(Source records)
_ _ _ _ _ _ _

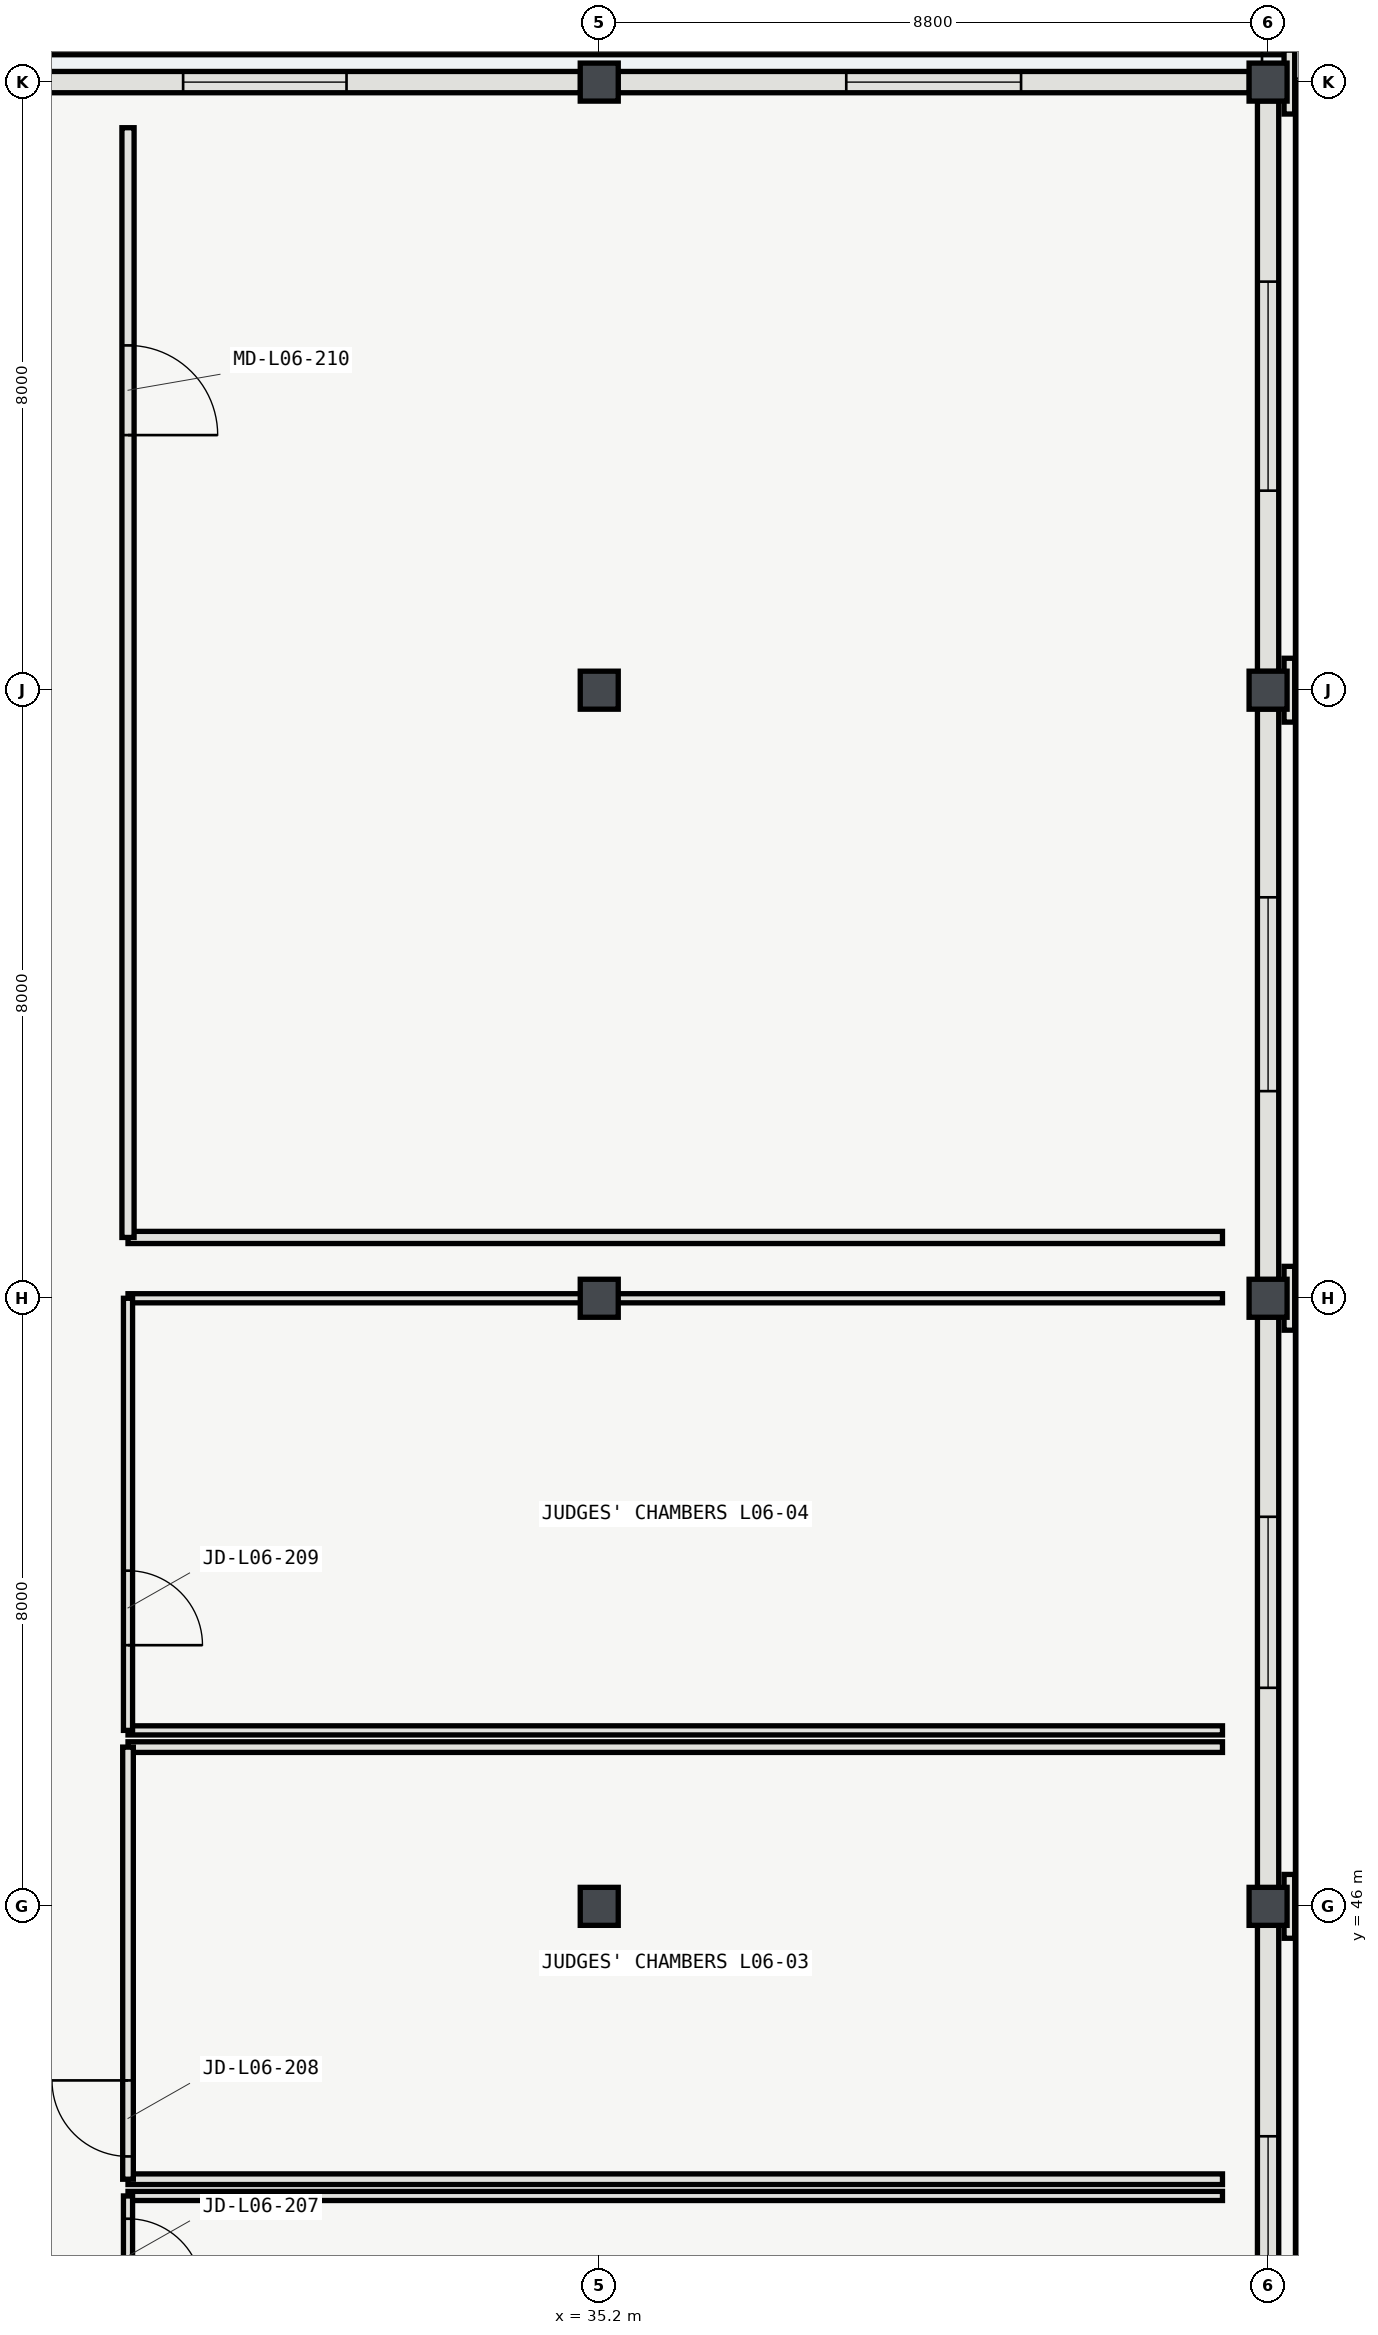
"""IFC4 building model, lengths in metres.
Left out: names, types, materials, properties, quantities, classifications, styles, units other than length and angle.
Written with IfcOpenShell. Run it as: python <this file> out.ifc"""

import sys

from ifc_helpers import new_model, si_unit, direction, frame, frame_2d, origin, origin_2d, place, context, subcontext, project, spatial, rectangle, hollow_rectangle, extrude, element, fill, save


model = new_model("IFC4")
c1 = context("Model", 3, precision=1e-05, world=origin(), true_north=direction((0.0, 1.0)))
c2 = subcontext(c1, "Body", "Model", "MODEL_VIEW")
j1 = project(units=[si_unit("LENGTHUNIT", "METRE"), si_unit("PLANEANGLEUNIT", "RADIAN")], contexts=[c1])
p1 = place(None, origin())
s1 = spatial("IfcSite", under=j1, at=p1, CompositionType="ELEMENT")
p2 = place(p1, origin())
s2 = spatial("IfcBuilding", under=s1, at=p2, CompositionType="ELEMENT")
p3 = place(p2, frame((0.0, 0.0, 28.8)))
s3 = spatial("IfcBuildingStorey", under=s2, at=p3, CompositionType="ELEMENT", Elevation=28.8)
for number, where, z_axis, x_axis in (
    (1, (35.2, 46.0, 0.0), (0.0, 0.0, 1.0), (1.0, 0.0, 0.0)),
    (2, (35.2, 54.0, 0.0), (0.0, 0.0, 1.0), (1.0, 0.0, 0.0)),
    (3, (35.2, 62.0, 0.0), (0.0, 0.0, 1.0), (1.0, 0.0, 0.0)),
    (4, (35.2, 70.0, 0.0), (0.0, 0.0, 1.0), (1.0, 0.0, 0.0)),
    (5, (44.0, 46.0, 0.0), (0.0, 0.0, 1.0), (1.0, 0.0, 0.0)),
    (6, (44.0, 54.0, 0.0), (0.0, 0.0, 1.0), (1.0, 0.0, 0.0)),
    (7, (44.0, 62.0, 0.0), (0.0, 0.0, 1.0), (1.0, 0.0, 0.0)),
    (8, (44.0, 70.0, 0.0), (0.0, 0.0, 1.0), (1.0, 0.0, 0.0)),
):
    element("IfcColumn", number, at=place(p3, frame(where, z_axis=z_axis, x_axis=x_axis)), inside=s3, PredefinedType="COLUMN", context=c2, shape_type="SweptSolid", body=[
        extrude(hollow_rectangle(XDim=0.5, YDim=0.5, WallThickness=0.02, InnerFilletRadius=0.02, OuterFilletRadius=0.04, at=origin_2d()), origin(), (0.0, 0.0, 1.0), 4.2),
    ])
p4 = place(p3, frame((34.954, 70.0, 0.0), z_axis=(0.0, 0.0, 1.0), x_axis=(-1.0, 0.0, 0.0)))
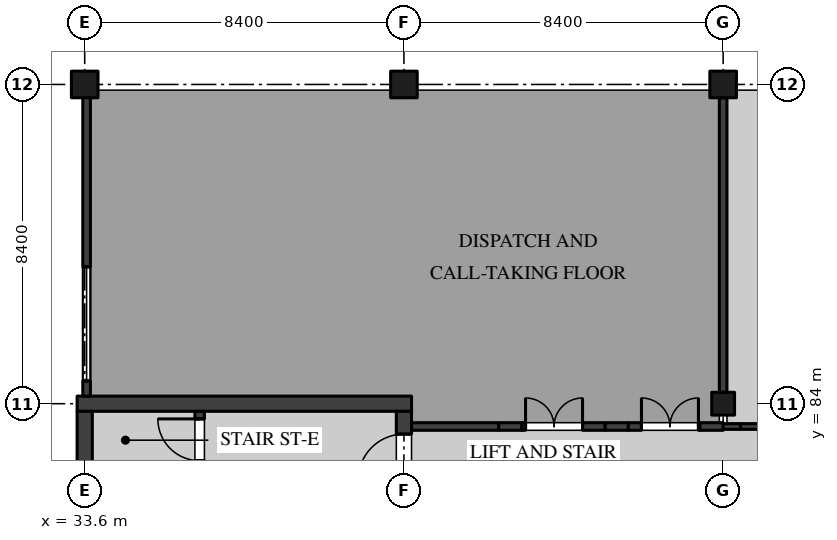
"""IFC4 building model, lengths in metres.
Left out: names, types, materials, properties, quantities, classifications, styles, units other than length and angle.
Written with IfcOpenShell. Run it as: python <this file> out.ifc"""

import sys

from ifc_helpers import new_model, si_unit, direction, frame, frame_2d, origin, origin_2d, place, context, subcontext, project, spatial, rectangle, extrude, element, fill, save


model = new_model("IFC4")
c1 = context("Model", 3, precision=1e-05, world=origin(), true_north=direction((0.0, 1.0)))
c2 = subcontext(c1, "Body", "Model", "MODEL_VIEW")
j1 = project(units=[si_unit("LENGTHUNIT", "METRE"), si_unit("PLANEANGLEUNIT", "RADIAN")], contexts=[c1])
p1 = place(None, origin())
s1 = spatial("IfcSite", under=j1, at=p1, CompositionType="ELEMENT")
p2 = place(p1, origin())
s2 = spatial("IfcBuilding", under=s1, at=p2, CompositionType="ELEMENT")
p3 = place(p2, frame((0.0, 0.0, 5.4)))
s3 = spatial("IfcBuildingStorey", under=s2, at=p3, CompositionType="ELEMENT", Elevation=5.4)
for number, where, z_axis, x_axis in (
    (1, (33.6, 92.4, 0.0), (0.0, 0.0, 1.0), (1.0, 0.0, 0.0)),
    (2, (42.0, 92.4, 0.0), (0.0, 0.0, 1.0), (1.0, 0.0, 0.0)),
):
    element("IfcColumn", number, at=place(p3, frame(where, z_axis=z_axis, x_axis=x_axis)), inside=s3, PredefinedType="COLUMN", context=c2, shape_type="SweptSolid", body=[
        extrude(rectangle(XDim=0.7, YDim=0.7, at=origin_2d()), origin(), (0.0, 0.0, 1.0), 4.37),
    ])
p4 = place(p3, frame((50.4, 84.0, 0.0), z_axis=(0.0, 0.0, 1.0), x_axis=(1.0, 0.0, 0.0)))
e3 = element("IfcColumn", 3, at=p4, inside=s3, PredefinedType="COLUMN", context=c2, shape_type="SweptSolid", body=[
    extrude(rectangle(XDim=0.6, YDim=0.6, at=origin_2d()), origin(), (0.0, 0.0, 1.0), 4.37),
])
p5 = place(p3, frame((50.4, 92.4, 0.0), z_axis=(0.0, 0.0, 1.0), x_axis=(1.0, 0.0, 0.0)))
e4 = element("IfcColumn", 4, at=p5, inside=s3, PredefinedType="COLUMN", context=c2, shape_type="SweptSolid", body=[
    extrude(rectangle(XDim=0.7, YDim=0.7, at=origin_2d()), origin(), (0.0, 0.0, 1.0), 4.37),
])
p6 = place(p3, frame((33.4, 84.0, 0.0), z_axis=(0.0, 0.0, 1.0), x_axis=(1.0, 0.0, 0.0)))
e5 = element("IfcWall", 5, at=p6, inside=s3, PredefinedType="SHEAR", context=c2, shape_type="SweptSolid", body=[
    extrude(rectangle(XDim=8.8, YDim=0.4, at=frame_2d((4.4, 0.0))), origin(), (0.0, 0.0, 1.0), 4.37),
])
p7 = place(p3, frame((33.6, 75.8, 0.0), z_axis=(0.0, 0.0, 1.0), x_axis=(0.0, 1.0, 0.0)))
e6 = element("IfcWall", 6, at=p7, inside=s3, PredefinedType="SHEAR", context=c2, shape_type="SweptSolid", body=[
    extrude(rectangle(XDim=8.0, YDim=0.4, at=frame_2d((4.0, 0.0))), origin(), (0.0, 0.0, 1.0), 4.37),
])
p8 = place(p3, frame((42.0, 75.8, 0.0), z_axis=(0.0, 0.0, 1.0), x_axis=(0.0, 1.0, 0.0)))
e7 = element("IfcWall", 7, at=p8, inside=s3, PredefinedType="SHEAR", context=c2, shape_type="SweptSolid", body=[
    extrude(rectangle(XDim=8.0, YDim=0.4, at=frame_2d((4.0, 0.0))), origin(), (0.0, 0.0, 1.0), 4.37),
])
p9 = place(p8, frame((6.2, 0.0, 0.0)))
e8 = element("IfcOpeningElement", 8, at=p9, cuts=e7, PredefinedType="OPENING", context=c2, shape_type="SweptSolid", body=[
    extrude(rectangle(XDim=1.2, YDim=2.1, at=frame_2d((0.6, 1.05))), frame((0.0, 0.21, 0.0), z_axis=(0.0, -1.0, 0.0), x_axis=(1.0, 0.0, 0.0)), (0.0, 0.0, 1.0), 0.42),
])
p10 = place(p3, frame((36.625, 83.8, 0.0), z_axis=(0.0, 0.0, 1.0), x_axis=(0.0, -1.0, 0.0)))
e9 = element("IfcWall", 9, at=p10, inside=s3, PredefinedType="SOLIDWALL", context=c2, shape_type="SweptSolid", body=[
    extrude(rectangle(XDim=8.0, YDim=0.25, at=frame_2d((4.0, 0.0))), origin(), (0.0, 0.0, 1.0), 4.37),
])
p11 = place(p10, frame((0.2, 0.0, 0.0)))
e10 = element("IfcOpeningElement", 10, at=p11, cuts=e9, PredefinedType="OPENING", context=c2, shape_type="SweptSolid", body=[
    extrude(rectangle(XDim=1.1, YDim=2.1, at=frame_2d((0.55, 1.05))), frame((0.0, 0.135, 0.0), z_axis=(0.0, -1.0, 0.0), x_axis=(1.0, 0.0, 0.0)), (0.0, 0.0, 1.0), 0.27),
])
p12 = place(p3, frame((42.2, 83.4, 0.0), z_axis=(0.0, 0.0, 1.0), x_axis=(1.0, 0.0, 0.0)))
e11 = element("IfcWall", 11, at=p12, inside=s3, PredefinedType="PARTITIONING", context=c2, shape_type="SweptSolid", body=[
    extrude(rectangle(XDim=2.295, YDim=0.2, at=frame_2d((1.147, 0.0))), origin(), (0.0, 0.0, 1.0), 4.37),
])
p13 = place(p3, frame((44.495, 83.4, 0.0), z_axis=(0.0, 0.0, 1.0), x_axis=(1.0, 0.0, 0.0)))
e12 = element("IfcWall", 12, at=p13, inside=s3, PredefinedType="PARTITIONING", context=c2, shape_type="SweptSolid", body=[
    extrude(rectangle(XDim=0.61, YDim=0.2, at=frame_2d((0.305, 0.0))), origin(), (0.0, 0.0, 1.0), 3.895),
])
p14 = place(p3, frame((45.105, 83.4, 0.0), z_axis=(0.0, 0.0, 1.0), x_axis=(1.0, 0.0, 0.0)))
e13 = element("IfcWall", 13, at=p14, inside=s3, PredefinedType="PARTITIONING", context=c2, shape_type="SweptSolid", body=[
    extrude(rectangle(XDim=2.19, YDim=0.2, at=frame_2d((1.095, 0.0))), origin(), (0.0, 0.0, 1.0), 4.37),
])
p15 = place(p14, frame((0.095, 0.0, 0.0)))
e14 = element("IfcOpeningElement", 14, at=p15, cuts=e13, PredefinedType="OPENING", context=c2, shape_type="SweptSolid", body=[
    extrude(rectangle(XDim=1.5, YDim=2.1, at=frame_2d((0.75, 1.05))), frame((0.0, 0.11, 0.0), z_axis=(0.0, -1.0, 0.0), x_axis=(1.0, 0.0, 0.0)), (0.0, 0.0, 1.0), 0.22),
])
p16 = place(p3, frame((47.295, 83.4, 0.0), z_axis=(0.0, 0.0, 1.0), x_axis=(1.0, 0.0, 0.0)))
e15 = element("IfcWall", 15, at=p16, inside=s3, PredefinedType="PARTITIONING", context=c2, shape_type="SweptSolid", body=[
    extrude(rectangle(XDim=0.61, YDim=0.2, at=frame_2d((0.305, 0.0))), origin(), (0.0, 0.0, 1.0), 3.895),
])
p17 = place(p3, frame((47.905, 83.4, 0.0), z_axis=(0.0, 0.0, 1.0), x_axis=(1.0, 0.0, 0.0)))
e16 = element("IfcWall", 16, at=p17, inside=s3, PredefinedType="PARTITIONING", context=c2, shape_type="SweptSolid", body=[
    extrude(rectangle(XDim=1.885, YDim=0.2, at=frame_2d((0.942, 0.0))), origin(), (0.0, 0.0, 1.0), 4.37),
])
p18 = place(p17, frame((0.345, 0.0, 0.0)))
e17 = element("IfcOpeningElement", 17, at=p18, cuts=e16, PredefinedType="OPENING", context=c2, shape_type="SweptSolid", body=[
    extrude(rectangle(XDim=1.5, YDim=2.1, at=frame_2d((0.75, 1.05))), frame((0.0, 0.11, 0.0), z_axis=(0.0, -1.0, 0.0), x_axis=(1.0, 0.0, 0.0)), (0.0, 0.0, 1.0), 0.22),
])
p19 = place(p3, frame((49.79, 83.4, 0.0), z_axis=(0.0, 0.0, 1.0), x_axis=(1.0, 0.0, 0.0)))
e18 = element("IfcWall", 18, at=p19, inside=s3, PredefinedType="PARTITIONING", context=c2, shape_type="SweptSolid", body=[
    extrude(rectangle(XDim=0.61, YDim=0.2, at=frame_2d((0.305, 0.0))), origin(), (0.0, 0.0, 1.0), 3.746),
])
p20 = place(p3, frame((50.4, 83.4, 0.0), z_axis=(0.0, 0.0, 1.0), x_axis=(1.0, 0.0, 0.0)))
e19 = element("IfcWall", 19, at=p20, inside=s3, PredefinedType="PARTITIONING", context=c2, shape_type="SweptSolid", body=[
    extrude(rectangle(XDim=0.46, YDim=0.15, at=frame_2d((0.23, 0.0))), origin(), (0.0, 0.0, 1.0), 3.746),
])
p21 = place(p3, frame((50.86, 83.4, 0.0), z_axis=(0.0, 0.0, 1.0), x_axis=(1.0, 0.0, 0.0)))
e20 = element("IfcWall", 20, at=p21, inside=s3, PredefinedType="PARTITIONING", context=c2, shape_type="SweptSolid", body=[
    extrude(rectangle(XDim=2.11, YDim=0.15, at=frame_2d((1.055, 0.0))), origin(), (0.0, 0.0, 1.0), 4.37),
])
p22 = place(p3, frame((50.4, 84.3, 0.0), z_axis=(0.0, 0.0, 1.0), x_axis=(0.0, 1.0, 0.0)))
e21 = element("IfcWall", 21, at=p22, inside=s3, PredefinedType="PARTITIONING", context=c2, shape_type="SweptSolid", body=[
    extrude(rectangle(XDim=7.75, YDim=0.2, at=frame_2d((3.875, 0.0))), origin(), (0.0, 0.0, 1.0), 3.746),
])
p23 = place(p3, frame((33.65, 92.07, 0.0), z_axis=(0.0, 0.0, 1.0), x_axis=(0.0, -1.0, 0.0)))
e22 = element("IfcWall", 22, at=p23, inside=s3, PredefinedType="SOLIDWALL", context=c2, shape_type="SweptSolid", body=[
    extrude(rectangle(XDim=7.87, YDim=0.2, at=frame_2d((3.935, 0.0))), origin(), (0.0, 0.0, 1.0), 3.746),
])
p24 = place(p23, frame((4.47, 0.0, 0.9)))
e23 = element("IfcOpeningElement", 23, at=p24, cuts=e22, PredefinedType="OPENING", context=c2, shape_type="SweptSolid", body=[
    extrude(rectangle(XDim=3.0, YDim=2.1, at=frame_2d((1.5, 1.05))), frame((0.0, 0.11, 0.0), z_axis=(0.0, -1.0, 0.0), x_axis=(1.0, 0.0, 0.0)), (0.0, 0.0, 1.0), 0.22),
])
p25 = place(p9, origin())
e24 = element("IfcDoor", 24, at=p25, inside=s3, OperationType="SINGLE_SWING_RIGHT", PredefinedType="DOOR", context=c2, shape_type="SweptSolid", body=[
    extrude(rectangle(XDim=1.2, YDim=2.1, at=frame_2d((0.6, 1.05))), frame((0.0, 0.035, 0.0), z_axis=(0.0, -1.0, 0.0), x_axis=(1.0, 0.0, 0.0)), (0.0, 0.0, 1.0), 0.07),
])
fill(e8, e24)
p26 = place(p11, frame((1.1, 0.0, 0.0), z_axis=(0.0, 0.0, 1.0), x_axis=(-1.0, 0.0, 0.0)))
e25 = element("IfcDoor", 25, at=p26, inside=s3, OperationType="SINGLE_SWING_LEFT", PredefinedType="DOOR", context=c2, shape_type="SweptSolid", body=[
    extrude(rectangle(XDim=1.1, YDim=2.1, at=frame_2d((0.55, 1.05))), frame((0.0, 0.035, 0.0), z_axis=(0.0, -1.0, 0.0), x_axis=(1.0, 0.0, 0.0)), (0.0, 0.0, 1.0), 0.07),
])
fill(e10, e25)
p27 = place(p15, origin())
e26 = element("IfcDoor", 26, at=p27, inside=s3, OperationType="DOUBLE_DOOR_SINGLE_SWING", PredefinedType="DOOR", context=c2, shape_type="SweptSolid", body=[
    extrude(rectangle(XDim=1.5, YDim=2.1, at=frame_2d((0.75, 1.05))), frame((0.0, 0.03, 0.0), z_axis=(0.0, -1.0, 0.0), x_axis=(1.0, 0.0, 0.0)), (0.0, 0.0, 1.0), 0.06),
])
fill(e14, e26)
p28 = place(p18, origin())
e27 = element("IfcDoor", 27, at=p28, inside=s3, OperationType="DOUBLE_DOOR_SINGLE_SWING", PredefinedType="DOOR", context=c2, shape_type="SweptSolid", body=[
    extrude(rectangle(XDim=1.5, YDim=2.1, at=frame_2d((0.75, 1.05))), frame((0.0, 0.03, 0.0), z_axis=(0.0, -1.0, 0.0), x_axis=(1.0, 0.0, 0.0)), (0.0, 0.0, 1.0), 0.06),
])
fill(e17, e27)
p29 = place(p24, origin())
e28 = element("IfcWindow", 28, at=p29, inside=s3, PartitioningType="SINGLE_PANEL", PredefinedType="WINDOW", context=c2, shape_type="SweptSolid", body=[
    extrude(rectangle(XDim=3.0, YDim=2.1, at=frame_2d((1.5, 1.05))), frame((0.0, 0.04, 0.0), z_axis=(0.0, -1.0, 0.0), x_axis=(1.0, 0.0, 0.0)), (0.0, 0.0, 1.0), 0.08),
])
fill(e23, e28)
save(model, sys.argv[1])

_ _ _ _ _ _ _

▶ **EXERCISE DIRECTIONS**
Scan the entries above for the string "IfcDoor" and copy each line that contains it.

▶ **WRITTEN ANSWER**
e24 = element("IfcDoor", 24, at=p25, inside=s3, OperationType="SINGLE_SWING_RIGHT", PredefinedType="DOOR", context=c2, shape_type="SweptSolid", body=[
e25 = element("IfcDoor", 25, at=p26, inside=s3, OperationType="SINGLE_SWING_LEFT", PredefinedType="DOOR", context=c2, shape_type="SweptSolid", body=[
e26 = element("IfcDoor", 26, at=p27, inside=s3, OperationType="DOUBLE_DOOR_SINGLE_SWING", PredefinedType="DOOR", context=c2, shape_type="SweptSolid", body=[
e27 = element("IfcDoor", 27, at=p28, inside=s3, OperationType="DOUBLE_DOOR_SINGLE_SWING", PredefinedType="DOOR", context=c2, shape_type="SweptSolid", body=[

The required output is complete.